Write out exactly the lines of the entries below from the one holding "23.9, 0.0), z_axis=(0.0, 0.0, 1.0), x_axis=(0.0, 1.0, 0.0)))" to the one holding "15.6, 0.0), z_axis=(0.0, 0.0, 1.0), x_axis=(1.0, 0.0, 0.0)))", inclusive, and leave out all other lines.

SOURCE DATA =>

▼

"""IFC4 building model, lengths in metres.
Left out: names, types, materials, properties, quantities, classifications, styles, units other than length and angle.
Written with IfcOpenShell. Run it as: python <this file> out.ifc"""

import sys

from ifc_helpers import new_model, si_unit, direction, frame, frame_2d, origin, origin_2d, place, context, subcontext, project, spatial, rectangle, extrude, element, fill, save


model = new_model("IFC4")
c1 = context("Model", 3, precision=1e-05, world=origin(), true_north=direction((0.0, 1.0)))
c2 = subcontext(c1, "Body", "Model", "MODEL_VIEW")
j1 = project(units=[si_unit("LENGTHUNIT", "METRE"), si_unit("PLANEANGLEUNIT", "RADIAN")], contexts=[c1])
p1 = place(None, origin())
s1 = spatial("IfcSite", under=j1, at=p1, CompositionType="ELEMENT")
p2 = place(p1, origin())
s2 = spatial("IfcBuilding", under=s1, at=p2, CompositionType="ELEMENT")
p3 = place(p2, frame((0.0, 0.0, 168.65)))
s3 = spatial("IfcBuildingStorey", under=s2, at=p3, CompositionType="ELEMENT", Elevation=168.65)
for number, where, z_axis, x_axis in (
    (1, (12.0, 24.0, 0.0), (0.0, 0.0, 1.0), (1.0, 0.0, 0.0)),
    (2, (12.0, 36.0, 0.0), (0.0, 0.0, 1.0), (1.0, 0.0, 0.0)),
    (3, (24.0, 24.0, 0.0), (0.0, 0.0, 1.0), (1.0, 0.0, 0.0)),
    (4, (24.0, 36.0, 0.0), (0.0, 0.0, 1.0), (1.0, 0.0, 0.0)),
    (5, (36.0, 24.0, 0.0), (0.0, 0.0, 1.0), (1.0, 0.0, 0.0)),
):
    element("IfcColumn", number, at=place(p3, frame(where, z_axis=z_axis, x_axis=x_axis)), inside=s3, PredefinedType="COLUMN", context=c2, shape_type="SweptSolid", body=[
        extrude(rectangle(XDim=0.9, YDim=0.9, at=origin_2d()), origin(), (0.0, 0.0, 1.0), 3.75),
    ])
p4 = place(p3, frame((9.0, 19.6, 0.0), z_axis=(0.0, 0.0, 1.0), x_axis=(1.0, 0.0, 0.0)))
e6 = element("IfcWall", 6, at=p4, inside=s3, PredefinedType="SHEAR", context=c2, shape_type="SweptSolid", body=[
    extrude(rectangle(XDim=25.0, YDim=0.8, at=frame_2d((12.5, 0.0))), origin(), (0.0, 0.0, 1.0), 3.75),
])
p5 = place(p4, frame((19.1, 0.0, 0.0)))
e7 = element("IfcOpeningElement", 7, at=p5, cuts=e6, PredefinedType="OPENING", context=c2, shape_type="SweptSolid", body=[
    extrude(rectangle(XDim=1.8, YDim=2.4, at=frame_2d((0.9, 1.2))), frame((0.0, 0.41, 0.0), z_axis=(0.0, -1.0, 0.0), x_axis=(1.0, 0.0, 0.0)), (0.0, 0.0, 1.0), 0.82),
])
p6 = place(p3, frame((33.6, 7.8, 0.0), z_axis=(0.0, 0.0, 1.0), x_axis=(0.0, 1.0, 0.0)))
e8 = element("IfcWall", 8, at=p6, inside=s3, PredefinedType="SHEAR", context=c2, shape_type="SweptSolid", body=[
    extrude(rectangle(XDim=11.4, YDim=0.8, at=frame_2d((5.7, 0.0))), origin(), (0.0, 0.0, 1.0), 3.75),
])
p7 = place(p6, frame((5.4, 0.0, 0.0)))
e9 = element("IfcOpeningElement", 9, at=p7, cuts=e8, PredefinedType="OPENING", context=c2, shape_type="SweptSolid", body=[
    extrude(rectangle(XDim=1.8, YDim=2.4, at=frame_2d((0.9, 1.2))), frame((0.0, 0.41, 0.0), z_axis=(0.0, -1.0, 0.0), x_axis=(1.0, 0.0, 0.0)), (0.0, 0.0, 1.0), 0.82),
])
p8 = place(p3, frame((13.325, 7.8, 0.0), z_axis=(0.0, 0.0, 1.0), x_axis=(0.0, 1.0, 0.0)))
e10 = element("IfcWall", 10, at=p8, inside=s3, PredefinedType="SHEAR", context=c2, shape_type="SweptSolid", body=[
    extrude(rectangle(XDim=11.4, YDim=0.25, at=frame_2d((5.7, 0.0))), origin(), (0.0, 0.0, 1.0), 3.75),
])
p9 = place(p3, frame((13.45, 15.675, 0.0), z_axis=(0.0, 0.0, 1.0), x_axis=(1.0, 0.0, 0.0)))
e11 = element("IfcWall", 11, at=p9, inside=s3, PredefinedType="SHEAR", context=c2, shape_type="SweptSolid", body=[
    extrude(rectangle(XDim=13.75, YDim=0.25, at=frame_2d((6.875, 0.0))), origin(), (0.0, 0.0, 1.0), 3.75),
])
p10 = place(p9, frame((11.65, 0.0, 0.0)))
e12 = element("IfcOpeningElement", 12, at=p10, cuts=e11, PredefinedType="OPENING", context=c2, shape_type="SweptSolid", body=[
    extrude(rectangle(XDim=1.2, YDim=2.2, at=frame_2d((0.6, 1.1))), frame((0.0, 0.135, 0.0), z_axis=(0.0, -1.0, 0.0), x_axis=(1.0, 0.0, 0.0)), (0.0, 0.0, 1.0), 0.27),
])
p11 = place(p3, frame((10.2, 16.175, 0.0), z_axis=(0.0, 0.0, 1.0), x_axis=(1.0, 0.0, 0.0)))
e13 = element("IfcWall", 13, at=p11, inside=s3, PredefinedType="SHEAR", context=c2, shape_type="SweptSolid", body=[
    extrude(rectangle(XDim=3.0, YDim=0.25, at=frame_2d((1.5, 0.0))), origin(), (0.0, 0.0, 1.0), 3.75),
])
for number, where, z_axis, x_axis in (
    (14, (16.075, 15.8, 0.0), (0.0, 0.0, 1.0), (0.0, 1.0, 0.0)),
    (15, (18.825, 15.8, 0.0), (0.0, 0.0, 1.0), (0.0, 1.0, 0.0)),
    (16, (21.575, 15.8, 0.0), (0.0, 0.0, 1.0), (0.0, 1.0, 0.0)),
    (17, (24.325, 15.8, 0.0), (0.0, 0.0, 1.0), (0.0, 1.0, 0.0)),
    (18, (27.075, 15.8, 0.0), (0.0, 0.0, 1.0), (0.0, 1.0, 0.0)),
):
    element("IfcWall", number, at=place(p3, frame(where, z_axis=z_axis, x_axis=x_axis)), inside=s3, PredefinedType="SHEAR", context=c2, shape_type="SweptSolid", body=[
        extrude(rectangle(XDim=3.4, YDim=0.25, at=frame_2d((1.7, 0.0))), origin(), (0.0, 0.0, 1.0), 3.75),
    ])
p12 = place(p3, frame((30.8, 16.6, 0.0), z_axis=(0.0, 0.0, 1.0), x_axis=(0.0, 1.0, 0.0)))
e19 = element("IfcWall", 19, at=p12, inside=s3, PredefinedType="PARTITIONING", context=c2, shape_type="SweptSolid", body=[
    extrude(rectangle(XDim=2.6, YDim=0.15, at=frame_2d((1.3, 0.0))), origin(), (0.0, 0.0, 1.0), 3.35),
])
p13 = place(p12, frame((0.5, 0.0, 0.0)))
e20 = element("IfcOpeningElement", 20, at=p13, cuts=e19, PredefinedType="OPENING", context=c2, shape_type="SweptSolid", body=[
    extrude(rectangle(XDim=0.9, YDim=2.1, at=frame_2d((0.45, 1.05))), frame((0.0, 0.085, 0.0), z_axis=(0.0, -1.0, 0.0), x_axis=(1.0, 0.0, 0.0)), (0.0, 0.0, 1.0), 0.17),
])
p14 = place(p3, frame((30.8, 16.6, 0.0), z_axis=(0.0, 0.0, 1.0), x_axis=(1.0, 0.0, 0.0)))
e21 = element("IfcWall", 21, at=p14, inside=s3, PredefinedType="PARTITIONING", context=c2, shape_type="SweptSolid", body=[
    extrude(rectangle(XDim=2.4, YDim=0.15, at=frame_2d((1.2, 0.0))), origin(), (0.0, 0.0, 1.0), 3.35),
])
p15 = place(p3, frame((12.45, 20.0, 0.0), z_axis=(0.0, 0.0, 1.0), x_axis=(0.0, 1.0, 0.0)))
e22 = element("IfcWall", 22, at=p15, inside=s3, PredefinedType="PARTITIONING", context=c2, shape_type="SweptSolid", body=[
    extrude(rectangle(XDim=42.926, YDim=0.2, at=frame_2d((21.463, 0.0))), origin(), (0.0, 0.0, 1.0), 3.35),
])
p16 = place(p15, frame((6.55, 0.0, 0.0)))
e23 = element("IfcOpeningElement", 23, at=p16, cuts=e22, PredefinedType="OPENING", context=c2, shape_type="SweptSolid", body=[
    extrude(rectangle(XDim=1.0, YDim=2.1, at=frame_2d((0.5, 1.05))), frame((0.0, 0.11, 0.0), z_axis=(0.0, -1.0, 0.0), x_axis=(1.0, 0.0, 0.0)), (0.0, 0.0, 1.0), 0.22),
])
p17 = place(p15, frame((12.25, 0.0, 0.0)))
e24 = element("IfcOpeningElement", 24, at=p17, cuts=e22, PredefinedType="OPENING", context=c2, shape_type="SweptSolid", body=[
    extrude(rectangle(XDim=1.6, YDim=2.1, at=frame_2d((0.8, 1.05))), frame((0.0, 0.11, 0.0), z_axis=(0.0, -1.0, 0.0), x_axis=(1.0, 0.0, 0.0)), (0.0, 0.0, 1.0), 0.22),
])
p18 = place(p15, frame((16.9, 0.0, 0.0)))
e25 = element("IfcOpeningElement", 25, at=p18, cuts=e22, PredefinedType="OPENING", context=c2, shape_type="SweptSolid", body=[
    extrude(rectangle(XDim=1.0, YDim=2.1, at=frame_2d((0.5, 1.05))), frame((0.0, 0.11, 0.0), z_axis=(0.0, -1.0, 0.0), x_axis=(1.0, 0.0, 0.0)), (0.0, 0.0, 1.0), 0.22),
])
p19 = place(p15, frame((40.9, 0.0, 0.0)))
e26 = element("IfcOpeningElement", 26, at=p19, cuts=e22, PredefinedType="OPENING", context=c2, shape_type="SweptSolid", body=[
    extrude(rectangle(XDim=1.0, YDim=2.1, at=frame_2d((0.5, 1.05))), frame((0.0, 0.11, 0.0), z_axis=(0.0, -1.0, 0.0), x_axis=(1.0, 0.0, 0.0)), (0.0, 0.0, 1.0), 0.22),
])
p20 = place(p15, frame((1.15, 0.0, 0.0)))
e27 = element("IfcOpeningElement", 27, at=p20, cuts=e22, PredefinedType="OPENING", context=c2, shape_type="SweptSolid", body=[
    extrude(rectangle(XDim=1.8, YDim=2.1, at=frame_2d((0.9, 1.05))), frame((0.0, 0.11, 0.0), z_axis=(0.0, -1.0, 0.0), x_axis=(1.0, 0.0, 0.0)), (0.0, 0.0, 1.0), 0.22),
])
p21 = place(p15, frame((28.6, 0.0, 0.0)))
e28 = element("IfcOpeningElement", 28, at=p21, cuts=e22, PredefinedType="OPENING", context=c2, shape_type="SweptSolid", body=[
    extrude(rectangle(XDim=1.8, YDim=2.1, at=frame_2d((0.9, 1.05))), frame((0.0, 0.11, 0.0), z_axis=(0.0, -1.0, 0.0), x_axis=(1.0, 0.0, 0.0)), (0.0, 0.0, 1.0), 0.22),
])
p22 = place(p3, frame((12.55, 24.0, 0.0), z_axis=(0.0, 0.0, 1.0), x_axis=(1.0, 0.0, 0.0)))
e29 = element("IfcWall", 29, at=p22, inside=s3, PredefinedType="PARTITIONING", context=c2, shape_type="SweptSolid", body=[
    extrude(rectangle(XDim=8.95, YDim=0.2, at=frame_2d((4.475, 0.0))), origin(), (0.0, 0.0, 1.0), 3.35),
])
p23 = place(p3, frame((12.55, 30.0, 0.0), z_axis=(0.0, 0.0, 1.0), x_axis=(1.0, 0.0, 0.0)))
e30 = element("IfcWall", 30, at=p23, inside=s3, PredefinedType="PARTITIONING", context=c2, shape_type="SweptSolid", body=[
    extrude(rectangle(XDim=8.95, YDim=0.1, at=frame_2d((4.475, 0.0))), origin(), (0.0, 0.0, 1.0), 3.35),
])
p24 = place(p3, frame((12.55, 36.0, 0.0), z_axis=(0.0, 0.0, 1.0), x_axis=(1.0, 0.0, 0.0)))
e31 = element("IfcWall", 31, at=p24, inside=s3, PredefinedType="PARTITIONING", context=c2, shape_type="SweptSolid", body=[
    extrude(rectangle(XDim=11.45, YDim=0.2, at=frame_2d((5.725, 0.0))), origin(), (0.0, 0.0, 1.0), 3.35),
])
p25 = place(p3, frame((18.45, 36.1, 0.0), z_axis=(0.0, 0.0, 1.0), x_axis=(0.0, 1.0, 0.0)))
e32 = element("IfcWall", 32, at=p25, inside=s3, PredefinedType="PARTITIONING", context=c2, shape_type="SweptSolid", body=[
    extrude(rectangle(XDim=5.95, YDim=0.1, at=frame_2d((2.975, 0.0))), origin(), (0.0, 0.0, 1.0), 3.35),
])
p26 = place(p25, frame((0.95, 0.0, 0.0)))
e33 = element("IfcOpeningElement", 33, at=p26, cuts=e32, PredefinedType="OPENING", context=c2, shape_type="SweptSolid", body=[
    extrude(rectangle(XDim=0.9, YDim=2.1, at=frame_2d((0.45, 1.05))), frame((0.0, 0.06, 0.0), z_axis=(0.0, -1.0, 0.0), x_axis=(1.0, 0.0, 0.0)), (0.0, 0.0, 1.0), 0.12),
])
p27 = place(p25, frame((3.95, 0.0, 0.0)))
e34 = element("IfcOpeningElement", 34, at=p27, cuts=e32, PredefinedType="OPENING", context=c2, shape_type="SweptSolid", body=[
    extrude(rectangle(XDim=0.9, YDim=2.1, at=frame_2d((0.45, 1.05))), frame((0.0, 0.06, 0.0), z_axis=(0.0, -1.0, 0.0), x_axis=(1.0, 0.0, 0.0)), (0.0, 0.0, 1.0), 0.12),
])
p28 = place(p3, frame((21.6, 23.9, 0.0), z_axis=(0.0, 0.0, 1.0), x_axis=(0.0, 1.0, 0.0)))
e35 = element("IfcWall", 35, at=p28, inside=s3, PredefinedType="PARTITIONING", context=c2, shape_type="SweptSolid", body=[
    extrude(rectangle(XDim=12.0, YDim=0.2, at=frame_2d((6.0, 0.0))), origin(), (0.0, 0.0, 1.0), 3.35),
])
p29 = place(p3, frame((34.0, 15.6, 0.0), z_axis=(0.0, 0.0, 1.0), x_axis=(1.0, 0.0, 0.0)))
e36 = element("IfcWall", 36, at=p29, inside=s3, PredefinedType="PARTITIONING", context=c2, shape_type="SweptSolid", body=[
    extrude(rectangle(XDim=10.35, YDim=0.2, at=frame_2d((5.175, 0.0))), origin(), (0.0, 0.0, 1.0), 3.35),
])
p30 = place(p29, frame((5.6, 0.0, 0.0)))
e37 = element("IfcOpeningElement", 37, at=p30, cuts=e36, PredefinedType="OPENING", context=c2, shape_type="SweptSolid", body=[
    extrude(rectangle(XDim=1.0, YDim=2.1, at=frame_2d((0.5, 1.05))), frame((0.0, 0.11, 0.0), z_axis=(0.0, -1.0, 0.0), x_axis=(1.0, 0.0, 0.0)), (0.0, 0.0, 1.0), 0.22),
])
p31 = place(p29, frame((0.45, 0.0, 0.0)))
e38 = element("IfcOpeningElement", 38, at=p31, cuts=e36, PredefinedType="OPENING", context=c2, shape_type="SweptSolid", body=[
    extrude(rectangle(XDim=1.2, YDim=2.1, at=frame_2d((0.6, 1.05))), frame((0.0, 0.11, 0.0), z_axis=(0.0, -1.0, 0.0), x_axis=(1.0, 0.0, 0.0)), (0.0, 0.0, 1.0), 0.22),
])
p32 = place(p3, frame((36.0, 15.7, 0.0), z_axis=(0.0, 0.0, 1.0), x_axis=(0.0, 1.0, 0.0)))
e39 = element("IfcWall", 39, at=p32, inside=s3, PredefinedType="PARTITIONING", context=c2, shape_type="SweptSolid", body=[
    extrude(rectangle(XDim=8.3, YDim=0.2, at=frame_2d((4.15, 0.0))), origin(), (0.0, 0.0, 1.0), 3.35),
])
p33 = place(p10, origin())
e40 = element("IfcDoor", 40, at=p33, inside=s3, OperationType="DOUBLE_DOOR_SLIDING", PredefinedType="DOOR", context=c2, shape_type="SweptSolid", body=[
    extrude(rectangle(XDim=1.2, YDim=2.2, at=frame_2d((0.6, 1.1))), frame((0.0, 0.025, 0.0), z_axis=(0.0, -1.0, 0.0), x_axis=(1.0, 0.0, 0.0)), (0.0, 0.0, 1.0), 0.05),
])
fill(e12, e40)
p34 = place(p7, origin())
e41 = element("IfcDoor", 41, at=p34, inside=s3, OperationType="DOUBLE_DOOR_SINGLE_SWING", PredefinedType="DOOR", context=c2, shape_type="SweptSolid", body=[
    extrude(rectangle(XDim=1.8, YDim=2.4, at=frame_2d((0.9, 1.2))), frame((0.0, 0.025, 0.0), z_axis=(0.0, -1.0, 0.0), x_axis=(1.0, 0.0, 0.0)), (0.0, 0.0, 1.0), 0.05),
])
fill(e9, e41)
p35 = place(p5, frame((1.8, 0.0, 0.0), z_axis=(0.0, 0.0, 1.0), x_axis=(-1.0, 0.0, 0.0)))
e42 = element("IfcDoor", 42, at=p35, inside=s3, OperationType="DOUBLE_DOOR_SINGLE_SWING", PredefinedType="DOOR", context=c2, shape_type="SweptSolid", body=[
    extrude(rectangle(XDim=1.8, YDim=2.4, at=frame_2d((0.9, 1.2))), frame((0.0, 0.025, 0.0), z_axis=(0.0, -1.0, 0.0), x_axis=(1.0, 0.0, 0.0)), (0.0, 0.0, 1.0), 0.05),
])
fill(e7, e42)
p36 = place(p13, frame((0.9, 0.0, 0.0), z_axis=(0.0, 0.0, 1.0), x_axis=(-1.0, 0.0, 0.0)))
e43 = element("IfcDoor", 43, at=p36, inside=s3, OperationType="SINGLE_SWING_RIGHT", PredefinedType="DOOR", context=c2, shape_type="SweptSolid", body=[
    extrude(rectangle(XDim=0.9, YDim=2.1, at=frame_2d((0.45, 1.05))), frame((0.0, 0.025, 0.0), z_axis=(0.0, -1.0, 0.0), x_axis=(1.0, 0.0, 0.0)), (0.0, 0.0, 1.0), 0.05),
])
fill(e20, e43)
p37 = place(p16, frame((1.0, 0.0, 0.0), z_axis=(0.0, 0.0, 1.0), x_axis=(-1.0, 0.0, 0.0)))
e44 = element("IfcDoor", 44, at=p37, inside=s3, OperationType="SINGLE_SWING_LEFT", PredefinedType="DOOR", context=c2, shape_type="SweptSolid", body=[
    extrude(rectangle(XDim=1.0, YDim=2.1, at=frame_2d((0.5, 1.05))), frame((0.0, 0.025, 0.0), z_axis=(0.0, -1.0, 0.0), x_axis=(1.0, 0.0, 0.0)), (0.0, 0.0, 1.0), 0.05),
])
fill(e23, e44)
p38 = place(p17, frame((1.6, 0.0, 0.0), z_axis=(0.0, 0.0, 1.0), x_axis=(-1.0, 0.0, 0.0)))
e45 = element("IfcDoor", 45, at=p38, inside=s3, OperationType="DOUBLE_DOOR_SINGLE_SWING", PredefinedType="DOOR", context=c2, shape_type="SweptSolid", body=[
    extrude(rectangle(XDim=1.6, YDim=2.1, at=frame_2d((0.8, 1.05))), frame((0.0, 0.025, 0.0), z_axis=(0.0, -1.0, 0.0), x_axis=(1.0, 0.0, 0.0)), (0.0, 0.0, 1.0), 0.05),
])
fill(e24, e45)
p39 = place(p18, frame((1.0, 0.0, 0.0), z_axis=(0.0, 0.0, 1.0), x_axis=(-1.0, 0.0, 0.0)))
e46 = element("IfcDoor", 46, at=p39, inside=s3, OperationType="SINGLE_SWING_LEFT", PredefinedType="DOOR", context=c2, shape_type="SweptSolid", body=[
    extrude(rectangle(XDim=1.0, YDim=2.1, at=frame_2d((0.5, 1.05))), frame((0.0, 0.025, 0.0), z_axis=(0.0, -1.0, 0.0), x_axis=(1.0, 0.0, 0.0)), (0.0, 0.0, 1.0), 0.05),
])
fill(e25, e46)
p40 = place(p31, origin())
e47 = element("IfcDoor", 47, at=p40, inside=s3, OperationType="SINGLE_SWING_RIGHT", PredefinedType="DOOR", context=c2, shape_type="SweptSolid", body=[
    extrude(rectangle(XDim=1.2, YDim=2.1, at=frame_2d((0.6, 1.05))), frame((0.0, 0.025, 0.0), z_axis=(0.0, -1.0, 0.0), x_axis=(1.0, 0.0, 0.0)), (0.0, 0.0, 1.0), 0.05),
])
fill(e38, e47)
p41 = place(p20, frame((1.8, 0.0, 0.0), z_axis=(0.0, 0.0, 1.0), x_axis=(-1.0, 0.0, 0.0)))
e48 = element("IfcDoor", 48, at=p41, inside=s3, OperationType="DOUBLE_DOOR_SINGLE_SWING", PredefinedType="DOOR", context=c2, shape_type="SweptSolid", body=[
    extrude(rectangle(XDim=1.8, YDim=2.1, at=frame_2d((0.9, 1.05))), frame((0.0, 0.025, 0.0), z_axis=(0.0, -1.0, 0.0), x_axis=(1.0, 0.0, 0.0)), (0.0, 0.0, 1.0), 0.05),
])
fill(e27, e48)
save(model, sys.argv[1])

▲

EXPECTED ANSWER =>
p28 = place(p3, frame((21.6, 23.9, 0.0), z_axis=(0.0, 0.0, 1.0), x_axis=(0.0, 1.0, 0.0)))
e35 = element("IfcWall", 35, at=p28, inside=s3, PredefinedType="PARTITIONING", context=c2, shape_type="SweptSolid", body=[
    extrude(rectangle(XDim=12.0, YDim=0.2, at=frame_2d((6.0, 0.0))), origin(), (0.0, 0.0, 1.0), 3.35),
])
p29 = place(p3, frame((34.0, 15.6, 0.0), z_axis=(0.0, 0.0, 1.0), x_axis=(1.0, 0.0, 0.0)))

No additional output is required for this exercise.